## EXERCISE
Below is some data. Retype exactly the lines starting at the one with "Height = 7'" and ending at the one with "95, transparency 0, Cost = 0".

-- Opening Marker --

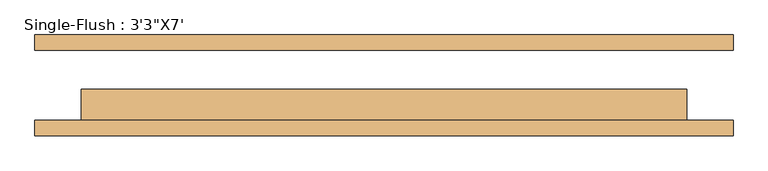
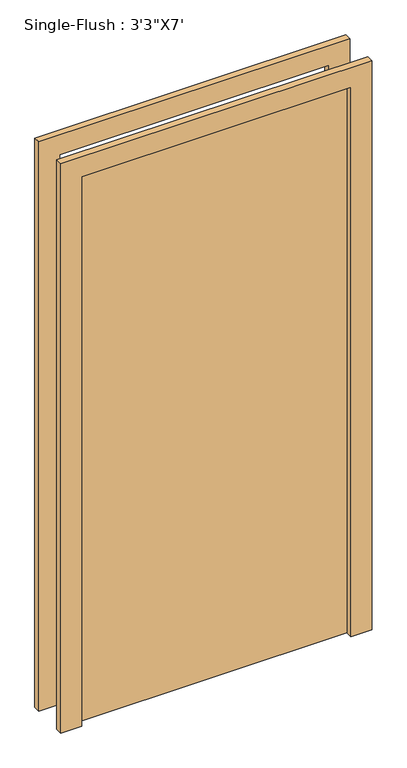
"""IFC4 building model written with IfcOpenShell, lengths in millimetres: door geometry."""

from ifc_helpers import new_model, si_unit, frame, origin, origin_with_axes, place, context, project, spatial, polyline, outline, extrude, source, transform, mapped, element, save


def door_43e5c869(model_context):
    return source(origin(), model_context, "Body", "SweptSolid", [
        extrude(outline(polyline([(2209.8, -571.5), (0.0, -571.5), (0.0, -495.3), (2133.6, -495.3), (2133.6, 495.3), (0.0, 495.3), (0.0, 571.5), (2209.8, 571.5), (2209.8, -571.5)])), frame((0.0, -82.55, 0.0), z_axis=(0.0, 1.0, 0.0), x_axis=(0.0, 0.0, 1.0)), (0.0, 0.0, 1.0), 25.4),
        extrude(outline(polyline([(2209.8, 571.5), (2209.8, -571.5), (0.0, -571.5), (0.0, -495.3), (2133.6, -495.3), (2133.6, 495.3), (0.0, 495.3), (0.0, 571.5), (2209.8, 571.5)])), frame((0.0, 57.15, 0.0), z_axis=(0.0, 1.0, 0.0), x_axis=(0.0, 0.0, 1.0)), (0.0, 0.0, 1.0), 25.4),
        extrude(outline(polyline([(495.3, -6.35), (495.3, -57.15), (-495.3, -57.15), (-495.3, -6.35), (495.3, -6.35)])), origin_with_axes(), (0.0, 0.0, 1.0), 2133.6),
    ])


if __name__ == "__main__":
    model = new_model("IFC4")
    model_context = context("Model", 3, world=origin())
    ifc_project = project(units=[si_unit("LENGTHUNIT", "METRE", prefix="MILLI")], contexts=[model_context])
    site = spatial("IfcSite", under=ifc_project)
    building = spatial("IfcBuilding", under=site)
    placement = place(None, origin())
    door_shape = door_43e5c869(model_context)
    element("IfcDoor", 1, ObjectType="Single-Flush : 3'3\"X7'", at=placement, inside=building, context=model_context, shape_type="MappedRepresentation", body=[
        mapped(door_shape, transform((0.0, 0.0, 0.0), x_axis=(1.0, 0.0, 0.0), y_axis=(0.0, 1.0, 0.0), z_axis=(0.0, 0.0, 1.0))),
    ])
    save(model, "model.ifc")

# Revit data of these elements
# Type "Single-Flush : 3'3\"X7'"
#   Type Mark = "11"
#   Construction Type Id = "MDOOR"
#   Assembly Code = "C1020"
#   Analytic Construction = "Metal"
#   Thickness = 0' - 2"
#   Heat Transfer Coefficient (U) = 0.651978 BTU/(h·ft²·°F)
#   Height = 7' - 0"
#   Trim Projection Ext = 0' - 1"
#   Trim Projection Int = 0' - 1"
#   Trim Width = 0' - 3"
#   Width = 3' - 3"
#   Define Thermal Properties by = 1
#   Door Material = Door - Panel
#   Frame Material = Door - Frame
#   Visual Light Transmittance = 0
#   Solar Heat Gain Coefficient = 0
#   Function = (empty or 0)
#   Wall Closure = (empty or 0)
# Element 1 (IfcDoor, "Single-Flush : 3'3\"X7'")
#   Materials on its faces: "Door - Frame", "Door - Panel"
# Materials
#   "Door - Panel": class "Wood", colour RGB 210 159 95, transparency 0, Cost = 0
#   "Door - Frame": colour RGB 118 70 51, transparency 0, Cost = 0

-- Closing Marker --

## OUTPUT FOR THIS TASK
#   Height = 7' - 0"
#   Trim Projection Ext = 0' - 1"
#   Trim Projection Int = 0' - 1"
#   Trim Width = 0' - 3"
#   Width = 3' - 3"
#   Define Thermal Properties by = 1
#   Door Material = Door - Panel
#   Frame Material = Door - Frame
#   Visual Light Transmittance = 0
#   Solar Heat Gain Coefficient = 0
#   Function = (empty or 0)
#   Wall Closure = (empty or 0)
# Element 1 (IfcDoor, "Single-Flush : 3'3\"X7'")
#   Materials on its faces: "Door - Frame", "Door - Panel"
# Materials
#   "Door - Panel": class "Wood", colour RGB 210 159 95, transparency 0, Cost = 0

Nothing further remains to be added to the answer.